*YOUR INSTRUCTIONS*: Set down exactly the lines below between the line holding "#4=SURFACE_STYLE_FILL_AREA(#3);" and the line holding "#39=DIRECTION('',(-0.,1.,0.));", inclusive; no other line belongs in the answer.

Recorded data
•••
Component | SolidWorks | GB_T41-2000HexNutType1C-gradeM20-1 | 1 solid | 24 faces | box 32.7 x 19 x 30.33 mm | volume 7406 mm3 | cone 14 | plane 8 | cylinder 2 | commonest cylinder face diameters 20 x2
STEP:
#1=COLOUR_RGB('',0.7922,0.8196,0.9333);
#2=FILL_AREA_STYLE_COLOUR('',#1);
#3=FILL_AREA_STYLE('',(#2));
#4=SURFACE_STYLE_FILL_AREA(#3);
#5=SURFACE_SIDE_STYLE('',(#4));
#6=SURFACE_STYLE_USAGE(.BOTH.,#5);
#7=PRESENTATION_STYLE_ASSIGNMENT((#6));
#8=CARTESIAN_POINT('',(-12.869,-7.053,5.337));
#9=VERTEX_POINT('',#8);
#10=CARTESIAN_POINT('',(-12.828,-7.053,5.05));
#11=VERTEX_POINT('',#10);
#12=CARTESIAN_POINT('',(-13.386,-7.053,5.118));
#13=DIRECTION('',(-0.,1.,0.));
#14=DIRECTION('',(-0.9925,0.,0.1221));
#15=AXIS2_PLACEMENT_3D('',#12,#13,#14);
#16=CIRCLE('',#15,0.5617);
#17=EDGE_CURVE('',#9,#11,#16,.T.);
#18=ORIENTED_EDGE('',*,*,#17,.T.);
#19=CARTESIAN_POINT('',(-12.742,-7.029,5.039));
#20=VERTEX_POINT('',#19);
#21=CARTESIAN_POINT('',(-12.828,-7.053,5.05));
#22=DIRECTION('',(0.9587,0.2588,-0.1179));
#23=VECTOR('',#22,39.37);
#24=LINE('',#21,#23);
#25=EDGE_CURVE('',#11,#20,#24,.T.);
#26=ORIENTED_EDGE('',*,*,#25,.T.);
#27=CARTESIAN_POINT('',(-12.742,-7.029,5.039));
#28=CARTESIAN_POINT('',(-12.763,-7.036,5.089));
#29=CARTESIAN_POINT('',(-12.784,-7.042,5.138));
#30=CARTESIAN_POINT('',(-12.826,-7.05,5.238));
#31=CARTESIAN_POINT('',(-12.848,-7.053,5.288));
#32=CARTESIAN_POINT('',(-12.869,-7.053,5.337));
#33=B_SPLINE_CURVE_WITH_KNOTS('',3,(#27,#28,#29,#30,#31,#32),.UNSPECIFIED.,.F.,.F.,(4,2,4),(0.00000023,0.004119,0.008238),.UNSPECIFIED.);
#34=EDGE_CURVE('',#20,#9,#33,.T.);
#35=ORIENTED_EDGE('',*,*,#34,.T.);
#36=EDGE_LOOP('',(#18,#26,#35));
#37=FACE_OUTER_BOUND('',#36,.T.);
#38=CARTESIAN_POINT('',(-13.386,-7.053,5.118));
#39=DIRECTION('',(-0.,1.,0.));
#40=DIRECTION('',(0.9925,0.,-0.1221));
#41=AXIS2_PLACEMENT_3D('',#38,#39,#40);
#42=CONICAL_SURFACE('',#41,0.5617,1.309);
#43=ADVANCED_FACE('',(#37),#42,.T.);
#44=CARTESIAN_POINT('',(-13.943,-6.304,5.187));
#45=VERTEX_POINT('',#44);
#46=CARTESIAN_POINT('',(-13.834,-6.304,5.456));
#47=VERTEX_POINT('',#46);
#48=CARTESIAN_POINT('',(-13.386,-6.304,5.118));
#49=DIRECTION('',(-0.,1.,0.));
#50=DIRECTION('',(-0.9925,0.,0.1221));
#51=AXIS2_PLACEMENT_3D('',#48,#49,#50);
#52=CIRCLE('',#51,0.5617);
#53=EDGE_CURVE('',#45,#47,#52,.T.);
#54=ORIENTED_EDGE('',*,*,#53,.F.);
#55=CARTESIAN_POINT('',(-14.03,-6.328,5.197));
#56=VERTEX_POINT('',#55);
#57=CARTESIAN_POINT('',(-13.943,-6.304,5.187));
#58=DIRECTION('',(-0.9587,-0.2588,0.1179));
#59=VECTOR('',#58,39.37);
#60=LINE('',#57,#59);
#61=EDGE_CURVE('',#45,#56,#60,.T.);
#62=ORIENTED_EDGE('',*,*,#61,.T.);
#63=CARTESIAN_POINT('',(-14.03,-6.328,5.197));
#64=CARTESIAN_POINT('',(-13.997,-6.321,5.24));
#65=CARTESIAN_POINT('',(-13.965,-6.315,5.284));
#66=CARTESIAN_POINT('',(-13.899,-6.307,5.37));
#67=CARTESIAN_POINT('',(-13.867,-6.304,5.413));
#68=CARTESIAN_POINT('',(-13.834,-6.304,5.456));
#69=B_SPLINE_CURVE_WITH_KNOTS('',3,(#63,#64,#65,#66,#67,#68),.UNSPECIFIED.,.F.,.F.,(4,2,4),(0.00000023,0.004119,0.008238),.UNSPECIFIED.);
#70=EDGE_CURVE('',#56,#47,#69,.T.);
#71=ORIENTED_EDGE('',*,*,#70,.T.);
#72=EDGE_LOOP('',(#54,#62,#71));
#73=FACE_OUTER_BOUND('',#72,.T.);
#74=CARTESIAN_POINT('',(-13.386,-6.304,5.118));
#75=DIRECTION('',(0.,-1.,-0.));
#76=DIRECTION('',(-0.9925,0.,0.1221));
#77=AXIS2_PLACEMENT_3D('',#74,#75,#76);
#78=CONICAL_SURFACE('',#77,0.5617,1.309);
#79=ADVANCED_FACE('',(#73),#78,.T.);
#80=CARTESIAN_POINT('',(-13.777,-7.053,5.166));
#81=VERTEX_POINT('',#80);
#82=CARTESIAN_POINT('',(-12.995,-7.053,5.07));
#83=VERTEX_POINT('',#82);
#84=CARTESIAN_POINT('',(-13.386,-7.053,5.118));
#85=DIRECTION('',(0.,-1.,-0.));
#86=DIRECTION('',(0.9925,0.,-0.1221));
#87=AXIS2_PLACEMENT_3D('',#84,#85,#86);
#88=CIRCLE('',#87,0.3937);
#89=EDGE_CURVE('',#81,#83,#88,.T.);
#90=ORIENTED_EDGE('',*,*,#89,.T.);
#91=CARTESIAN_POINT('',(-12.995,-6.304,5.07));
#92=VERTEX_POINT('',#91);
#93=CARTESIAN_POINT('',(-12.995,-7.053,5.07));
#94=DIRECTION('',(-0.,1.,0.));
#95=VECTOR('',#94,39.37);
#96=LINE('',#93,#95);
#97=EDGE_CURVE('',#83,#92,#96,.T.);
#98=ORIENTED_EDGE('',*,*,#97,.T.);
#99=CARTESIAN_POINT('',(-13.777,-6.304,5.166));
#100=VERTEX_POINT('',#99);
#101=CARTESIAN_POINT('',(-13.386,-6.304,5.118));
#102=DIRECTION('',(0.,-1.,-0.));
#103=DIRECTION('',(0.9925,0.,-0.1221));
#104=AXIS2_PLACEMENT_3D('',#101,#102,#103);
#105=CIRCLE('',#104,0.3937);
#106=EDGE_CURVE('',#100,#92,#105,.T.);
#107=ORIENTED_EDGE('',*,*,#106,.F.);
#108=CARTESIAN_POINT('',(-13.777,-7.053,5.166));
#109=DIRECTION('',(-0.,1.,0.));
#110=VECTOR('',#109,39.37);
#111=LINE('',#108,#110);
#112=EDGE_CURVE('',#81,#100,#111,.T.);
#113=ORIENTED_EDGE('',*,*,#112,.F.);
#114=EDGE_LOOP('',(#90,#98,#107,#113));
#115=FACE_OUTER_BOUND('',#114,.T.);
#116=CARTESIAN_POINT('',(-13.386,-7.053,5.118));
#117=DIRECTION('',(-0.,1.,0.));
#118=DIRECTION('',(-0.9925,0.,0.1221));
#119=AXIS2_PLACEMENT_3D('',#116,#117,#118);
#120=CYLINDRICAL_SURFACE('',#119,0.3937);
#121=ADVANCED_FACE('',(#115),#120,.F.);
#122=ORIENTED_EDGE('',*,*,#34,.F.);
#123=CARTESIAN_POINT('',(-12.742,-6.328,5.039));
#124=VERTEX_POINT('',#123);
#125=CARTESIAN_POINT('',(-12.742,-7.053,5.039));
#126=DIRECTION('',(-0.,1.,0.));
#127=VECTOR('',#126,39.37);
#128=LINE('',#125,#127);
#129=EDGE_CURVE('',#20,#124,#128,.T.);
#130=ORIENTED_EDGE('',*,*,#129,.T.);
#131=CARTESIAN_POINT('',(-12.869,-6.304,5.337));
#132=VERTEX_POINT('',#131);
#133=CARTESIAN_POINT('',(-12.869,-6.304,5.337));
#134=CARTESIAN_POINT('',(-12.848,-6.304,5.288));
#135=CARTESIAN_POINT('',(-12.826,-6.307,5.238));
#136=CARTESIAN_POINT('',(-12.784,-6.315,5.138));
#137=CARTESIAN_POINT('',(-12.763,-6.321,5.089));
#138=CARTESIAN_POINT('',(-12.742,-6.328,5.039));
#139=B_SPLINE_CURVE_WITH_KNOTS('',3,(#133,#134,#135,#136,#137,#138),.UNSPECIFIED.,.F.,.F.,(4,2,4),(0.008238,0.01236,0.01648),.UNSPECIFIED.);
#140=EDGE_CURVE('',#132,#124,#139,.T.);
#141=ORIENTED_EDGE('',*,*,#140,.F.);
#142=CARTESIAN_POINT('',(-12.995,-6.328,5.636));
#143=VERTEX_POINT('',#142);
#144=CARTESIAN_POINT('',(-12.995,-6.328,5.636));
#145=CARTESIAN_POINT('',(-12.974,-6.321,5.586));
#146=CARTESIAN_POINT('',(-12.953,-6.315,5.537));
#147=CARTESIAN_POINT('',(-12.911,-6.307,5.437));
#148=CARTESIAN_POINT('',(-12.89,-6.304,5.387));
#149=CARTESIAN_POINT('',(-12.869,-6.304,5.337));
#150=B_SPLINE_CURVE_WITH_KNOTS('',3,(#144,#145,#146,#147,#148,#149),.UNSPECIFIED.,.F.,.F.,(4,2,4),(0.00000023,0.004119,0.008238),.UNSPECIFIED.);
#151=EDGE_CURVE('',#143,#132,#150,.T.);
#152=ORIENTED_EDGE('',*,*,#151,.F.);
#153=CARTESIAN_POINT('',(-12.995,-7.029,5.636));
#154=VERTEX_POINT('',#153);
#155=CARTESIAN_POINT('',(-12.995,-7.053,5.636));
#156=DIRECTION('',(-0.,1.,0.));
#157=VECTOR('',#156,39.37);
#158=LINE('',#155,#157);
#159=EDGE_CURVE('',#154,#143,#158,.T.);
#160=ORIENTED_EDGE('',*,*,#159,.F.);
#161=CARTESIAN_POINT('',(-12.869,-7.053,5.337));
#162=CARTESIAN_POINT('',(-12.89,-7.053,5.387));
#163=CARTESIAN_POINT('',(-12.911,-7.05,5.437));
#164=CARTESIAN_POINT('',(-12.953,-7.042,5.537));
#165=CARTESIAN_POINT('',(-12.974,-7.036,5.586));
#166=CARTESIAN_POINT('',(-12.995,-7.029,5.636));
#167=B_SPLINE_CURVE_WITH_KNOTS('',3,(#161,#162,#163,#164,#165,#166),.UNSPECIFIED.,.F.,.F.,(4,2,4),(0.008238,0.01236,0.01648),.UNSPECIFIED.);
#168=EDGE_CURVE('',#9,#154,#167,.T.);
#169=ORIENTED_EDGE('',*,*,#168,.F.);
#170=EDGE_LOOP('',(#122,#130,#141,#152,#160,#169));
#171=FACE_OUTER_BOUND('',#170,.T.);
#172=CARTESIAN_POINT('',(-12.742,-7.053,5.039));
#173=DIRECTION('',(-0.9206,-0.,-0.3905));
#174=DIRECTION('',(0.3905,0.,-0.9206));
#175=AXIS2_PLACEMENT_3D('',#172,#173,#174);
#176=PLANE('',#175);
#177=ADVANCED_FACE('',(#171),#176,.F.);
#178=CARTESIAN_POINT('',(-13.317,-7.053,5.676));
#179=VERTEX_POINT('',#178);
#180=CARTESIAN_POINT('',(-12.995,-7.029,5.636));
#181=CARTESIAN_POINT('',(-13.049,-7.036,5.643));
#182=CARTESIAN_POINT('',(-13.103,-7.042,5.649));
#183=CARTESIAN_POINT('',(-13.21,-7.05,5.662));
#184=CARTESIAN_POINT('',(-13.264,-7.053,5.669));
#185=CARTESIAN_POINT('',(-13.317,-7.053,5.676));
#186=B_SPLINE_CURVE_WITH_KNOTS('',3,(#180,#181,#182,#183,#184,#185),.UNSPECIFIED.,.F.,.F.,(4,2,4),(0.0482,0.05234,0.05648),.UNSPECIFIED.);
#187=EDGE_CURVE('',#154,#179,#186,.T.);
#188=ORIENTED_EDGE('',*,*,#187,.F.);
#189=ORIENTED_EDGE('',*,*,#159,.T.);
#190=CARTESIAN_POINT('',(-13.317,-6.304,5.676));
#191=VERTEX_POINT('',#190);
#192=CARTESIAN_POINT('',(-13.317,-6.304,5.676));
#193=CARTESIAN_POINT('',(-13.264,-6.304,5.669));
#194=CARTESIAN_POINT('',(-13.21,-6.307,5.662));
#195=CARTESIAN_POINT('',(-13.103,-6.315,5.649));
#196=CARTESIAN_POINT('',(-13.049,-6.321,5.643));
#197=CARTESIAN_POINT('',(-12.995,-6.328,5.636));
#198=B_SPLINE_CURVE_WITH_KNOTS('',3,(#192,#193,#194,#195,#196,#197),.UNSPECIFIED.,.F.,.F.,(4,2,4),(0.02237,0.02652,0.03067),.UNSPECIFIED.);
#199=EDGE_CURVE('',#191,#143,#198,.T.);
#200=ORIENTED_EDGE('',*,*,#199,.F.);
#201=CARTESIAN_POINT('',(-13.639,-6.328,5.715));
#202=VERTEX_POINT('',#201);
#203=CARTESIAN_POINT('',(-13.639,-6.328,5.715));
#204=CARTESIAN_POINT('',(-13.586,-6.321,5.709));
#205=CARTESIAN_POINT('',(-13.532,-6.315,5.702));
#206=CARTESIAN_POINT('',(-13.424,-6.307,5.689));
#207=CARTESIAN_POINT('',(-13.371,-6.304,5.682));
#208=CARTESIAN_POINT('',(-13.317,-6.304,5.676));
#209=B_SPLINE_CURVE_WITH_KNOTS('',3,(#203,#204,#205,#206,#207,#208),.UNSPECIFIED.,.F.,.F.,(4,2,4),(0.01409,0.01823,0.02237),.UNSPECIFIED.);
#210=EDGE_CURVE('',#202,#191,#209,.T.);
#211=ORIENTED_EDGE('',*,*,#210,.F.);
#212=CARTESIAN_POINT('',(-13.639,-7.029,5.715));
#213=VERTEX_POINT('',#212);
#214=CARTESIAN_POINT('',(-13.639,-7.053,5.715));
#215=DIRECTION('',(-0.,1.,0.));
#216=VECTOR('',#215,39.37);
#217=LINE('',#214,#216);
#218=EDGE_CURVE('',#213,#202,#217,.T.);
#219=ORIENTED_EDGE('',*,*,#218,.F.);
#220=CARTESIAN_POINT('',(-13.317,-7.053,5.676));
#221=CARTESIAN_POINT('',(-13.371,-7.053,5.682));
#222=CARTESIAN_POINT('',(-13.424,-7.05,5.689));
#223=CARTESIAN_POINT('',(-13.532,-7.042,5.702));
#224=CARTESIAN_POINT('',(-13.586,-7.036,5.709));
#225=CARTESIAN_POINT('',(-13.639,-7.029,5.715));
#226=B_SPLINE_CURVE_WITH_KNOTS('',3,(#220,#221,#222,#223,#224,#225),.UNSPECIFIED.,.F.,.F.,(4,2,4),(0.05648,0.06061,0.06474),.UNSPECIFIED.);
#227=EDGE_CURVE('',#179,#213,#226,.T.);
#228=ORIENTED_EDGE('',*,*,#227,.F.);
•••
*ANSWER SPACE*:
#4=SURFACE_STYLE_FILL_AREA(#3);
#5=SURFACE_SIDE_STYLE('',(#4));
#6=SURFACE_STYLE_USAGE(.BOTH.,#5);
#7=PRESENTATION_STYLE_ASSIGNMENT((#6));
#8=CARTESIAN_POINT('',(-12.869,-7.053,5.337));
#9=VERTEX_POINT('',#8);
#10=CARTESIAN_POINT('',(-12.828,-7.053,5.05));
#11=VERTEX_POINT('',#10);
#12=CARTESIAN_POINT('',(-13.386,-7.053,5.118));
#13=DIRECTION('',(-0.,1.,0.));
#14=DIRECTION('',(-0.9925,0.,0.1221));
#15=AXIS2_PLACEMENT_3D('',#12,#13,#14);
#16=CIRCLE('',#15,0.5617);
#17=EDGE_CURVE('',#9,#11,#16,.T.);
#18=ORIENTED_EDGE('',*,*,#17,.T.);
#19=CARTESIAN_POINT('',(-12.742,-7.029,5.039));
#20=VERTEX_POINT('',#19);
#21=CARTESIAN_POINT('',(-12.828,-7.053,5.05));
#22=DIRECTION('',(0.9587,0.2588,-0.1179));
#23=VECTOR('',#22,39.37);
#24=LINE('',#21,#23);
#25=EDGE_CURVE('',#11,#20,#24,.T.);
#26=ORIENTED_EDGE('',*,*,#25,.T.);
#27=CARTESIAN_POINT('',(-12.742,-7.029,5.039));
#28=CARTESIAN_POINT('',(-12.763,-7.036,5.089));
#29=CARTESIAN_POINT('',(-12.784,-7.042,5.138));
#30=CARTESIAN_POINT('',(-12.826,-7.05,5.238));
#31=CARTESIAN_POINT('',(-12.848,-7.053,5.288));
#32=CARTESIAN_POINT('',(-12.869,-7.053,5.337));
#33=B_SPLINE_CURVE_WITH_KNOTS('',3,(#27,#28,#29,#30,#31,#32),.UNSPECIFIED.,.F.,.F.,(4,2,4),(0.00000023,0.004119,0.008238),.UNSPECIFIED.);
#34=EDGE_CURVE('',#20,#9,#33,.T.);
#35=ORIENTED_EDGE('',*,*,#34,.T.);
#36=EDGE_LOOP('',(#18,#26,#35));
#37=FACE_OUTER_BOUND('',#36,.T.);
#38=CARTESIAN_POINT('',(-13.386,-7.053,5.118));
#39=DIRECTION('',(-0.,1.,0.));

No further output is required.